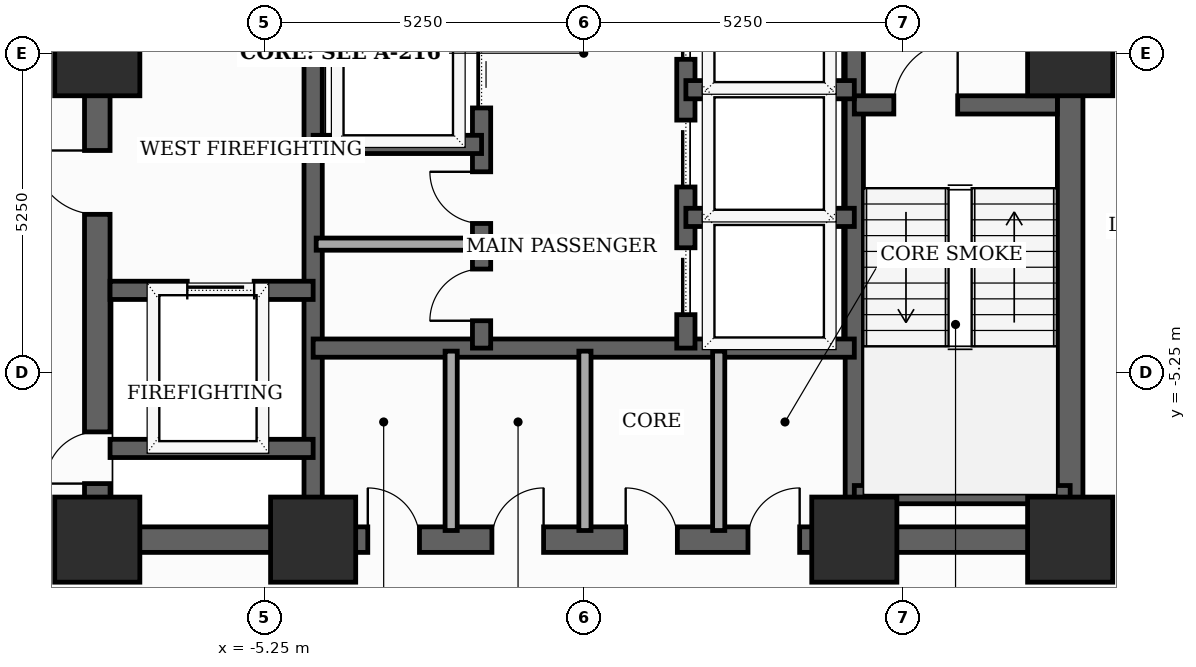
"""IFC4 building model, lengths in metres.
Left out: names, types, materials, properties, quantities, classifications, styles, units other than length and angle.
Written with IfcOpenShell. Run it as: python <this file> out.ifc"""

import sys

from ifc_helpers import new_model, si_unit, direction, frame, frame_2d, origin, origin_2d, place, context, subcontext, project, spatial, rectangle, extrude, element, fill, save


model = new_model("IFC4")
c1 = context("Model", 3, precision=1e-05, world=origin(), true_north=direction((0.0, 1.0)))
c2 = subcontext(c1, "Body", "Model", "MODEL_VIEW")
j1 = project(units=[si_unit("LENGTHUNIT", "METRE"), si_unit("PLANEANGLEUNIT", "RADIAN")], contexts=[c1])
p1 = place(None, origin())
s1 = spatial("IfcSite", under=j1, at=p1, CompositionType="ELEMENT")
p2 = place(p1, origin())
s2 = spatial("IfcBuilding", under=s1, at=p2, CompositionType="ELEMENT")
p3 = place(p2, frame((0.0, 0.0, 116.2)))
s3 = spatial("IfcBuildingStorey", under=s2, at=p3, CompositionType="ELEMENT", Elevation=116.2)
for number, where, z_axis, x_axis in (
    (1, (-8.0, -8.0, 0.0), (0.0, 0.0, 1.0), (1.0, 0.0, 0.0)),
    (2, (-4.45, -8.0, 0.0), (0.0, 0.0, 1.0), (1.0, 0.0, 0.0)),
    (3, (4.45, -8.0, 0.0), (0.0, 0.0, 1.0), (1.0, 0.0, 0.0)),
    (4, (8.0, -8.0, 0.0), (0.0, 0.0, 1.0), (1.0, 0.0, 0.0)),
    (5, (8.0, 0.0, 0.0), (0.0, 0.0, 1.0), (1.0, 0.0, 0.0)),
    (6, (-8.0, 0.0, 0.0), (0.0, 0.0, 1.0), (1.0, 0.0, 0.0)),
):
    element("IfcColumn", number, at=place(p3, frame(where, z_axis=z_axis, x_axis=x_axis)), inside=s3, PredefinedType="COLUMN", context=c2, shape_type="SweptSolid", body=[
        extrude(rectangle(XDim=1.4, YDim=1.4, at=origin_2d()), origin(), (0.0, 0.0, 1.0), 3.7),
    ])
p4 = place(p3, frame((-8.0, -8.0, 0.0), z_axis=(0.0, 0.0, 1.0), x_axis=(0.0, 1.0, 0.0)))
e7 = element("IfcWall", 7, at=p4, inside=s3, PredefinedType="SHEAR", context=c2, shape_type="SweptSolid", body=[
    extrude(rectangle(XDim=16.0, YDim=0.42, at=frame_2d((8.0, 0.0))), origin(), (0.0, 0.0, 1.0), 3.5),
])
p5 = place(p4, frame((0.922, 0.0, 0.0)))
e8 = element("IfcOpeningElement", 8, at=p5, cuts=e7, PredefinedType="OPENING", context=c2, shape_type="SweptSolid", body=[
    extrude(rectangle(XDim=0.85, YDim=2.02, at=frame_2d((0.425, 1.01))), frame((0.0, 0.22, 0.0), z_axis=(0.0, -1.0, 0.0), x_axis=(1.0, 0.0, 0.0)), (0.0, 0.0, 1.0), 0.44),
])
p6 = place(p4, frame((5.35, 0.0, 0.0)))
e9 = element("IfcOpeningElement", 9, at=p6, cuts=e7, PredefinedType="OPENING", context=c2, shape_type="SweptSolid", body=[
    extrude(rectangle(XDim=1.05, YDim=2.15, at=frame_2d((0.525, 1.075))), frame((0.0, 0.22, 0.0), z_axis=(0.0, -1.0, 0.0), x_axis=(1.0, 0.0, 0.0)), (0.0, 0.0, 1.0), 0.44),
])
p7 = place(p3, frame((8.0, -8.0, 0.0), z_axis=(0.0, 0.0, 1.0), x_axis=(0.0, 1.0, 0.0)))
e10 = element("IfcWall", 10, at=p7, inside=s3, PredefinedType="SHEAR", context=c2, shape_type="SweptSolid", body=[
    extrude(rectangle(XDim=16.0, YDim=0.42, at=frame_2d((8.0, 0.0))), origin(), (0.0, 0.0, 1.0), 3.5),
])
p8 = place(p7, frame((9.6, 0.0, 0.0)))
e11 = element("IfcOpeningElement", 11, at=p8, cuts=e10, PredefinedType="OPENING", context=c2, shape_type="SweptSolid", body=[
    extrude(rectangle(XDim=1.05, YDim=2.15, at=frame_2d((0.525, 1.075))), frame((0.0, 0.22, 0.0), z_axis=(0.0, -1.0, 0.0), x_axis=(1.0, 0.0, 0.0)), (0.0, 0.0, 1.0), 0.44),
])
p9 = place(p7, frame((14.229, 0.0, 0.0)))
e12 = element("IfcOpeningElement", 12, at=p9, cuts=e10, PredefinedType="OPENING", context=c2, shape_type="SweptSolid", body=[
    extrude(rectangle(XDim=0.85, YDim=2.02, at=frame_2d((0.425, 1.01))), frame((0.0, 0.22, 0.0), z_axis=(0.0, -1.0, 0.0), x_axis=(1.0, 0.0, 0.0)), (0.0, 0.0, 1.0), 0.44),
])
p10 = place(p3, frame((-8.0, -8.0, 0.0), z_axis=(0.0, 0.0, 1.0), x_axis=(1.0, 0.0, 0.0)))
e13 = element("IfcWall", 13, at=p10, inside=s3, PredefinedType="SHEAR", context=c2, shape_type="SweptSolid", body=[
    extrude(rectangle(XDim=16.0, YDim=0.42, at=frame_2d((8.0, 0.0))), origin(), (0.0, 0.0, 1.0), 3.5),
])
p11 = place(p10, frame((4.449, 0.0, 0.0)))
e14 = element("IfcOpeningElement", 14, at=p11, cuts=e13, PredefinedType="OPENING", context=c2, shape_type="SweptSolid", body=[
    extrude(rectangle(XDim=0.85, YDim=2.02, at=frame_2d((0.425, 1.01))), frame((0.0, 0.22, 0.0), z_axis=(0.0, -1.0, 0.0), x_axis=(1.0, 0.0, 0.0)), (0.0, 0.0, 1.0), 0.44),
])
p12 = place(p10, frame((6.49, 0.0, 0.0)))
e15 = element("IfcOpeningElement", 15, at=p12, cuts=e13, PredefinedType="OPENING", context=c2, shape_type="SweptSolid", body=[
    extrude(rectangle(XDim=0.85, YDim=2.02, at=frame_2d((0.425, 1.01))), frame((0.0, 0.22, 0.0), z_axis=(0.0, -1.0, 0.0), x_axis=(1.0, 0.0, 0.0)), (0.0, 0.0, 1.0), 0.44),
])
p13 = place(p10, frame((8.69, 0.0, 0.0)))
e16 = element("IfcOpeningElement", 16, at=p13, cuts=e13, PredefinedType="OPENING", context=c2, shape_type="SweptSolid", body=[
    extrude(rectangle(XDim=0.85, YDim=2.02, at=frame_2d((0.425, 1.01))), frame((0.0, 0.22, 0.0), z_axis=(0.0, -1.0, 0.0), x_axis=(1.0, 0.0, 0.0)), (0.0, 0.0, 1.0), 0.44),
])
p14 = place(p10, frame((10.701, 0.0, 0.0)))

+ + + + +

From the first line to the last, reproduce the listing above exactly, leaving the pictures out.

"""IFC4 building model, lengths in metres.
Left out: names, types, materials, properties, quantities, classifications, styles, units other than length and angle.
Written with IfcOpenShell. Run it as: python <this file> out.ifc"""

import sys

from ifc_helpers import new_model, si_unit, direction, frame, frame_2d, origin, origin_2d, place, context, subcontext, project, spatial, rectangle, extrude, element, fill, save


model = new_model("IFC4")
c1 = context("Model", 3, precision=1e-05, world=origin(), true_north=direction((0.0, 1.0)))
c2 = subcontext(c1, "Body", "Model", "MODEL_VIEW")
j1 = project(units=[si_unit("LENGTHUNIT", "METRE"), si_unit("PLANEANGLEUNIT", "RADIAN")], contexts=[c1])
p1 = place(None, origin())
s1 = spatial("IfcSite", under=j1, at=p1, CompositionType="ELEMENT")
p2 = place(p1, origin())
s2 = spatial("IfcBuilding", under=s1, at=p2, CompositionType="ELEMENT")
p3 = place(p2, frame((0.0, 0.0, 116.2)))
s3 = spatial("IfcBuildingStorey", under=s2, at=p3, CompositionType="ELEMENT", Elevation=116.2)
for number, where, z_axis, x_axis in (
    (1, (-8.0, -8.0, 0.0), (0.0, 0.0, 1.0), (1.0, 0.0, 0.0)),
    (2, (-4.45, -8.0, 0.0), (0.0, 0.0, 1.0), (1.0, 0.0, 0.0)),
    (3, (4.45, -8.0, 0.0), (0.0, 0.0, 1.0), (1.0, 0.0, 0.0)),
    (4, (8.0, -8.0, 0.0), (0.0, 0.0, 1.0), (1.0, 0.0, 0.0)),
    (5, (8.0, 0.0, 0.0), (0.0, 0.0, 1.0), (1.0, 0.0, 0.0)),
    (6, (-8.0, 0.0, 0.0), (0.0, 0.0, 1.0), (1.0, 0.0, 0.0)),
):
    element("IfcColumn", number, at=place(p3, frame(where, z_axis=z_axis, x_axis=x_axis)), inside=s3, PredefinedType="COLUMN", context=c2, shape_type="SweptSolid", body=[
        extrude(rectangle(XDim=1.4, YDim=1.4, at=origin_2d()), origin(), (0.0, 0.0, 1.0), 3.7),
    ])
p4 = place(p3, frame((-8.0, -8.0, 0.0), z_axis=(0.0, 0.0, 1.0), x_axis=(0.0, 1.0, 0.0)))
e7 = element("IfcWall", 7, at=p4, inside=s3, PredefinedType="SHEAR", context=c2, shape_type="SweptSolid", body=[
    extrude(rectangle(XDim=16.0, YDim=0.42, at=frame_2d((8.0, 0.0))), origin(), (0.0, 0.0, 1.0), 3.5),
])
p5 = place(p4, frame((0.922, 0.0, 0.0)))
e8 = element("IfcOpeningElement", 8, at=p5, cuts=e7, PredefinedType="OPENING", context=c2, shape_type="SweptSolid", body=[
    extrude(rectangle(XDim=0.85, YDim=2.02, at=frame_2d((0.425, 1.01))), frame((0.0, 0.22, 0.0), z_axis=(0.0, -1.0, 0.0), x_axis=(1.0, 0.0, 0.0)), (0.0, 0.0, 1.0), 0.44),
])
p6 = place(p4, frame((5.35, 0.0, 0.0)))
e9 = element("IfcOpeningElement", 9, at=p6, cuts=e7, PredefinedType="OPENING", context=c2, shape_type="SweptSolid", body=[
    extrude(rectangle(XDim=1.05, YDim=2.15, at=frame_2d((0.525, 1.075))), frame((0.0, 0.22, 0.0), z_axis=(0.0, -1.0, 0.0), x_axis=(1.0, 0.0, 0.0)), (0.0, 0.0, 1.0), 0.44),
])
p7 = place(p3, frame((8.0, -8.0, 0.0), z_axis=(0.0, 0.0, 1.0), x_axis=(0.0, 1.0, 0.0)))
e10 = element("IfcWall", 10, at=p7, inside=s3, PredefinedType="SHEAR", context=c2, shape_type="SweptSolid", body=[
    extrude(rectangle(XDim=16.0, YDim=0.42, at=frame_2d((8.0, 0.0))), origin(), (0.0, 0.0, 1.0), 3.5),
])
p8 = place(p7, frame((9.6, 0.0, 0.0)))
e11 = element("IfcOpeningElement", 11, at=p8, cuts=e10, PredefinedType="OPENING", context=c2, shape_type="SweptSolid", body=[
    extrude(rectangle(XDim=1.05, YDim=2.15, at=frame_2d((0.525, 1.075))), frame((0.0, 0.22, 0.0), z_axis=(0.0, -1.0, 0.0), x_axis=(1.0, 0.0, 0.0)), (0.0, 0.0, 1.0), 0.44),
])
p9 = place(p7, frame((14.229, 0.0, 0.0)))
e12 = element("IfcOpeningElement", 12, at=p9, cuts=e10, PredefinedType="OPENING", context=c2, shape_type="SweptSolid", body=[
    extrude(rectangle(XDim=0.85, YDim=2.02, at=frame_2d((0.425, 1.01))), frame((0.0, 0.22, 0.0), z_axis=(0.0, -1.0, 0.0), x_axis=(1.0, 0.0, 0.0)), (0.0, 0.0, 1.0), 0.44),
])
p10 = place(p3, frame((-8.0, -8.0, 0.0), z_axis=(0.0, 0.0, 1.0), x_axis=(1.0, 0.0, 0.0)))
e13 = element("IfcWall", 13, at=p10, inside=s3, PredefinedType="SHEAR", context=c2, shape_type="SweptSolid", body=[
    extrude(rectangle(XDim=16.0, YDim=0.42, at=frame_2d((8.0, 0.0))), origin(), (0.0, 0.0, 1.0), 3.5),
])
p11 = place(p10, frame((4.449, 0.0, 0.0)))
e14 = element("IfcOpeningElement", 14, at=p11, cuts=e13, PredefinedType="OPENING", context=c2, shape_type="SweptSolid", body=[
    extrude(rectangle(XDim=0.85, YDim=2.02, at=frame_2d((0.425, 1.01))), frame((0.0, 0.22, 0.0), z_axis=(0.0, -1.0, 0.0), x_axis=(1.0, 0.0, 0.0)), (0.0, 0.0, 1.0), 0.44),
])
p12 = place(p10, frame((6.49, 0.0, 0.0)))
e15 = element("IfcOpeningElement", 15, at=p12, cuts=e13, PredefinedType="OPENING", context=c2, shape_type="SweptSolid", body=[
    extrude(rectangle(XDim=0.85, YDim=2.02, at=frame_2d((0.425, 1.01))), frame((0.0, 0.22, 0.0), z_axis=(0.0, -1.0, 0.0), x_axis=(1.0, 0.0, 0.0)), (0.0, 0.0, 1.0), 0.44),
])
p13 = place(p10, frame((8.69, 0.0, 0.0)))
e16 = element("IfcOpeningElement", 16, at=p13, cuts=e13, PredefinedType="OPENING", context=c2, shape_type="SweptSolid", body=[
    extrude(rectangle(XDim=0.85, YDim=2.02, at=frame_2d((0.425, 1.01))), frame((0.0, 0.22, 0.0), z_axis=(0.0, -1.0, 0.0), x_axis=(1.0, 0.0, 0.0)), (0.0, 0.0, 1.0), 0.44),
])
p14 = place(p10, frame((10.701, 0.0, 0.0)))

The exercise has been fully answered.